> ASSIGNED TASK: Say how many lines of the data below have the word "from" in them. Add nothing else.
━━━
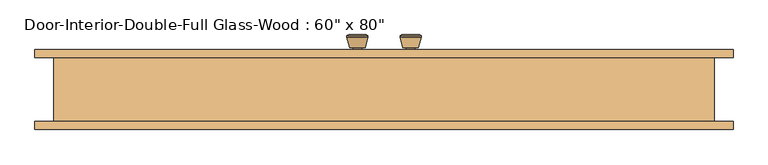
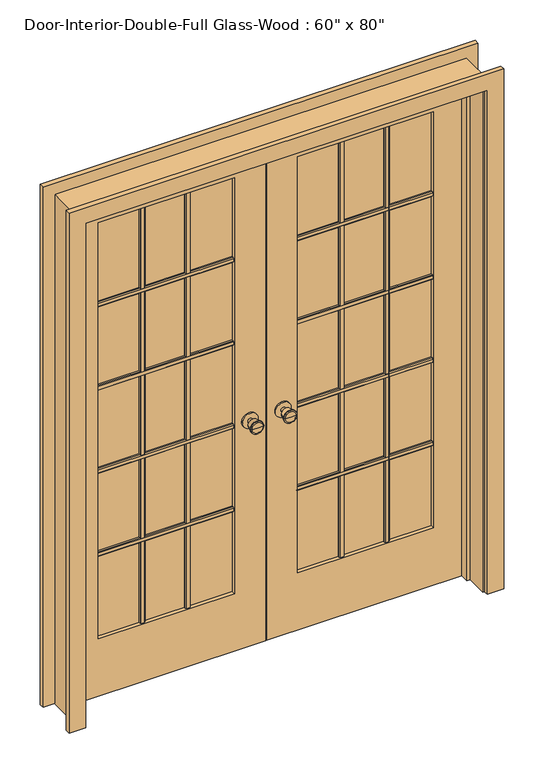
"""IFC4 building model written with IfcOpenShell, lengths in millimetres: door geometry."""

from ifc_helpers import new_model, si_unit, point, frame, frame_2d, origin, place, context, project, spatial, polyline, circle_curve, trimmed, segment, composite_curve, outline, extrude, faceted_brep, source, transform, mapped, element, save
from ifc_brep_helpers import plane_surface, cylinder_surface, revolved_surface, advanced_brep


def door_31a77bde(model_context):
    return source(origin(), model_context, "Body", "SolidModel", [
        advanced_brep(
        [(-63.5, 79.025, 914.4), (-73.5, 79.025, 914.4), (-53.5, 79.025, 914.4), (-83.9758676, 128.025, 914.4), (-63.5, 128.025, 914.4), (-43.0241324, 128.025, 914.4), (-88.5, 126.1971319, 914.4), (-38.5, 126.1971319, 914.4), (-88.5, 122.7334537, 914.4), (-38.5, 122.7334537, 914.4), (-82.136236, 98.025, 914.4), (-44.863764, 98.025, 914.4), (-73.5, 98.025, 914.4), (-53.5, 98.025, 914.4)],
        [
            (0, 1),
            (1, 2, circle_curve(frame((-63.5, 79.025, 914.4), z_axis=(0.0, -1.0, 0.0), x_axis=(1.0, 0.0, 0.0)), 10.0)),
            (2, 0),
            (2, 1, circle_curve(frame((-63.5, 79.025, 914.4), z_axis=(0.0, -1.0, 0.0), x_axis=(1.0, 0.0, 0.0)), 10.0)),
            (3, 4),
            (4, 5),
            (5, 3, circle_curve(frame((-63.5, 128.025, 914.4), z_axis=(0.0, 1.0, 0.0), x_axis=(1.0, 0.0, 0.0)), 20.4758676)),
            (3, 5, circle_curve(frame((-63.5, 128.025, 914.4), z_axis=(0.0, 1.0, 0.0), x_axis=(1.0, 0.0, 0.0)), 20.4758676)),
            (6, 3),
            (5, 7),
            (7, 6, circle_curve(frame((-63.5, 126.1971319, 914.4), z_axis=(0.0, 1.0, 0.0), x_axis=(1.0, 0.0, 0.0)), 25.0)),
            (6, 7, circle_curve(frame((-63.5, 126.1971319, 914.4), z_axis=(0.0, 1.0, 0.0), x_axis=(1.0, 0.0, 0.0)), 25.0)),
            (8, 6),
            (7, 9),
            (9, 8, circle_curve(frame((-63.5, 122.7334537, 914.4), z_axis=(0.0, 1.0, 0.0), x_axis=(1.0, 0.0, 0.0)), 25.0)),
            (8, 9, circle_curve(frame((-63.5, 122.7334537, 914.4), z_axis=(0.0, 1.0, 0.0), x_axis=(1.0, 0.0, 0.0)), 25.0)),
            (10, 8),
            (9, 11),
            (11, 10, circle_curve(frame((-63.5, 98.025, 914.4), z_axis=(0.0, 1.0, 0.0), x_axis=(1.0, 0.0, 0.0)), 18.636236)),
            (10, 11, circle_curve(frame((-63.5, 98.025, 914.4), z_axis=(0.0, 1.0, 0.0), x_axis=(1.0, 0.0, 0.0)), 18.636236)),
            (12, 10),
            (11, 13),
            (13, 12, circle_curve(frame((-63.5, 98.025, 914.4), z_axis=(0.0, 1.0, 0.0), x_axis=(1.0, 0.0, 0.0)), 10.0)),
            (12, 13, circle_curve(frame((-63.5, 98.025, 914.4), z_axis=(0.0, 1.0, 0.0), x_axis=(1.0, 0.0, 0.0)), 10.0)),
            (1, 12),
            (13, 2),
        ],
        [
            plane_surface(frame((-63.5, 79.025, 914.4), z_axis=(0.0, -1.0, 0.0), x_axis=(1.0, 0.0, 0.0))),
            plane_surface(frame((-63.5, 128.025, 914.4), z_axis=(0.0, 1.0, 0.0), x_axis=(1.0, 0.0, 0.0))),
            revolved_surface(polyline([(-43.0241324, 128.025, 914.4), (-38.5, 126.1971319, 914.4)]), (-63.5, 79.025, 914.4), (0.0, -1.0, 0.0)),
            cylinder_surface(frame((-63.5, 79.025, 914.4), z_axis=(0.0, -1.0, 0.0), x_axis=(1.0, 0.0, 0.0)), 25.0),
            revolved_surface(polyline([(-38.5, 122.7334537, 914.4), (-44.863764, 98.025, 914.4)]), (-63.5, 79.025, 914.4), (0.0, -1.0, 0.0)),
            plane_surface(frame((-63.5, 98.025, 914.4), z_axis=(0.0, -1.0, 0.0), x_axis=(1.0, 0.0, 0.0))),
            cylinder_surface(frame((-63.5, 79.025, 914.4), z_axis=(0.0, -1.0, 0.0), x_axis=(1.0, 0.0, 0.0)), 10.0),
        ],
        [
            (0, [[1, 2, 3]]),
            (0, [[-3, 4, -1]]),
            (1, [[5, 6, 7]]),
            (1, [[-6, -5, 8]]),
            (2, [[9, -7, 10, 11]]),
            (2, [[-10, -8, -9, 12]]),
            (3, [[13, -11, 14, 15]]),
            (3, [[-14, -12, -13, 16]]),
            (4, [[17, -15, 18, 19]]),
            (4, [[-18, -16, -17, 20]]),
            (5, [[21, -19, 22, 23]]),
            (5, [[-22, -20, -21, 24]]),
            (6, [[25, -23, 26, -2]]),
            (6, [[-26, -24, -25, -4]]),
        ],
    ),
        extrude(outline(composite_curve([segment(trimmed(circle_curve(frame_2d((914.4, -63.5)), 30.0), [point((914.4, -33.5))], [point((914.4, -93.5))], False, "CARTESIAN"), True, "CONTINUOUS"), segment(trimmed(circle_curve(frame_2d((914.4, -63.5)), 30.0), [point((914.4, -93.5))], [point((914.4, -33.5))], False, "CARTESIAN"), True, "CONTINUOUS")], self_intersect=False)), frame((0.0, 73.025, 0.0), z_axis=(0.0, 1.0, 0.0), x_axis=(0.0, 0.0, 1.0)), (0.0, 0.0, 1.0), 6.0),
        advanced_brep(
        [(-63.5, 32.1, 914.4), (-53.5, 32.1, 914.4), (-73.5, 32.1, 914.4), (-83.9758676, -16.9, 914.4), (-43.0241324, -16.9, 914.4), (-63.5, -16.9, 914.4), (-88.5, -15.0721319, 914.4), (-38.5, -15.0721319, 914.4), (-88.5, -11.6084537, 914.4), (-38.5, -11.6084537, 914.4), (-82.136236, 13.1, 914.4), (-44.863764, 13.1, 914.4), (-73.5, 13.1, 914.4), (-53.5, 13.1, 914.4)],
        [
            (0, 1),
            (1, 2, circle_curve(frame((-63.5, 32.1, 914.4), z_axis=(0.0, 1.0, 0.0), x_axis=(1.0, 0.0, 0.0)), 10.0)),
            (2, 0),
            (2, 1, circle_curve(frame((-63.5, 32.1, 914.4), z_axis=(0.0, 1.0, 0.0), x_axis=(1.0, 0.0, 0.0)), 10.0)),
            (3, 4, circle_curve(frame((-63.5, -16.9, 914.4), z_axis=(0.0, -1.0, 0.0), x_axis=(1.0, 0.0, 0.0)), 20.4758676)),
            (4, 5),
            (5, 3),
            (4, 3, circle_curve(frame((-63.5, -16.9, 914.4), z_axis=(0.0, -1.0, 0.0), x_axis=(1.0, 0.0, 0.0)), 20.4758676)),
            (6, 7, circle_curve(frame((-63.5, -15.0721319, 914.4), z_axis=(0.0, -1.0, 0.0), x_axis=(1.0, 0.0, 0.0)), 25.0)),
            (7, 4),
            (3, 6),
            (7, 6, circle_curve(frame((-63.5, -15.0721319, 914.4), z_axis=(0.0, -1.0, 0.0), x_axis=(1.0, 0.0, 0.0)), 25.0)),
            (8, 9, circle_curve(frame((-63.5, -11.6084537, 914.4), z_axis=(0.0, -1.0, 0.0), x_axis=(1.0, 0.0, 0.0)), 25.0)),
            (9, 7),
            (6, 8),
            (9, 8, circle_curve(frame((-63.5, -11.6084537, 914.4), z_axis=(0.0, -1.0, 0.0), x_axis=(1.0, 0.0, 0.0)), 25.0)),
            (10, 11, circle_curve(frame((-63.5, 13.1, 914.4), z_axis=(0.0, -1.0, 0.0), x_axis=(1.0, 0.0, 0.0)), 18.636236)),
            (11, 9),
            (8, 10),
            (11, 10, circle_curve(frame((-63.5, 13.1, 914.4), z_axis=(0.0, -1.0, 0.0), x_axis=(1.0, 0.0, 0.0)), 18.636236)),
            (12, 13, circle_curve(frame((-63.5, 13.1, 914.4), z_axis=(0.0, -1.0, 0.0), x_axis=(1.0, 0.0, 0.0)), 10.0)),
            (13, 11),
            (10, 12),
            (13, 12, circle_curve(frame((-63.5, 13.1, 914.4), z_axis=(0.0, -1.0, 0.0), x_axis=(1.0, 0.0, 0.0)), 10.0)),
            (1, 13),
            (12, 2),
        ],
        [
            plane_surface(frame((-63.5, 32.1, 914.4), z_axis=(0.0, 1.0, 0.0), x_axis=(1.0, 0.0, 0.0))),
            plane_surface(frame((-63.5, -16.9, 914.4), z_axis=(0.0, -1.0, 0.0), x_axis=(1.0, 0.0, 0.0))),
            revolved_surface(polyline([(-43.0241324, -16.9, 914.4), (-38.5, -15.0721319, 914.4)]), (-63.5, 32.1, 914.4), (0.0, 1.0, 0.0)),
            cylinder_surface(frame((-63.5, 32.1, 914.4), z_axis=(0.0, 1.0, 0.0), x_axis=(1.0, 0.0, 0.0)), 25.0),
            revolved_surface(polyline([(-38.5, -11.6084537, 914.4), (-44.863764, 13.1, 914.4)]), (-63.5, 32.1, 914.4), (0.0, 1.0, 0.0)),
            plane_surface(frame((-63.5, 13.1, 914.4), z_axis=(0.0, 1.0, 0.0), x_axis=(1.0, 0.0, 0.0))),
            cylinder_surface(frame((-63.5, 32.1, 914.4), z_axis=(0.0, 1.0, 0.0), x_axis=(1.0, 0.0, 0.0)), 10.0),
        ],
        [
            (0, [[1, 2, 3]]),
            (0, [[-3, 4, -1]]),
            (1, [[5, 6, 7]]),
            (1, [[8, -7, -6]]),
            (2, [[9, 10, -5, 11]]),
            (2, [[12, -11, -8, -10]]),
            (3, [[13, 14, -9, 15]]),
            (3, [[16, -15, -12, -14]]),
            (4, [[17, 18, -13, 19]]),
            (4, [[20, -19, -16, -18]]),
            (5, [[21, 22, -17, 23]]),
            (5, [[24, -23, -20, -22]]),
            (6, [[-2, 25, -21, 26]]),
            (6, [[-4, -26, -24, -25]]),
        ],
    ),
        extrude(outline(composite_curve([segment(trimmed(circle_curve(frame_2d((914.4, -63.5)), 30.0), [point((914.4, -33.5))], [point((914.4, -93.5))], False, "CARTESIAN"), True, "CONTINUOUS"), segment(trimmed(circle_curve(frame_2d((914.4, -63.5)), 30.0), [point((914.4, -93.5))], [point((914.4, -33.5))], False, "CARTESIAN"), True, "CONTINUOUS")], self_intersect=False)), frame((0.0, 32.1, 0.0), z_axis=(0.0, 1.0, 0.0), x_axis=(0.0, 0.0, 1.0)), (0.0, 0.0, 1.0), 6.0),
━━━
> OUTPUT OF THE EXERCISE: 2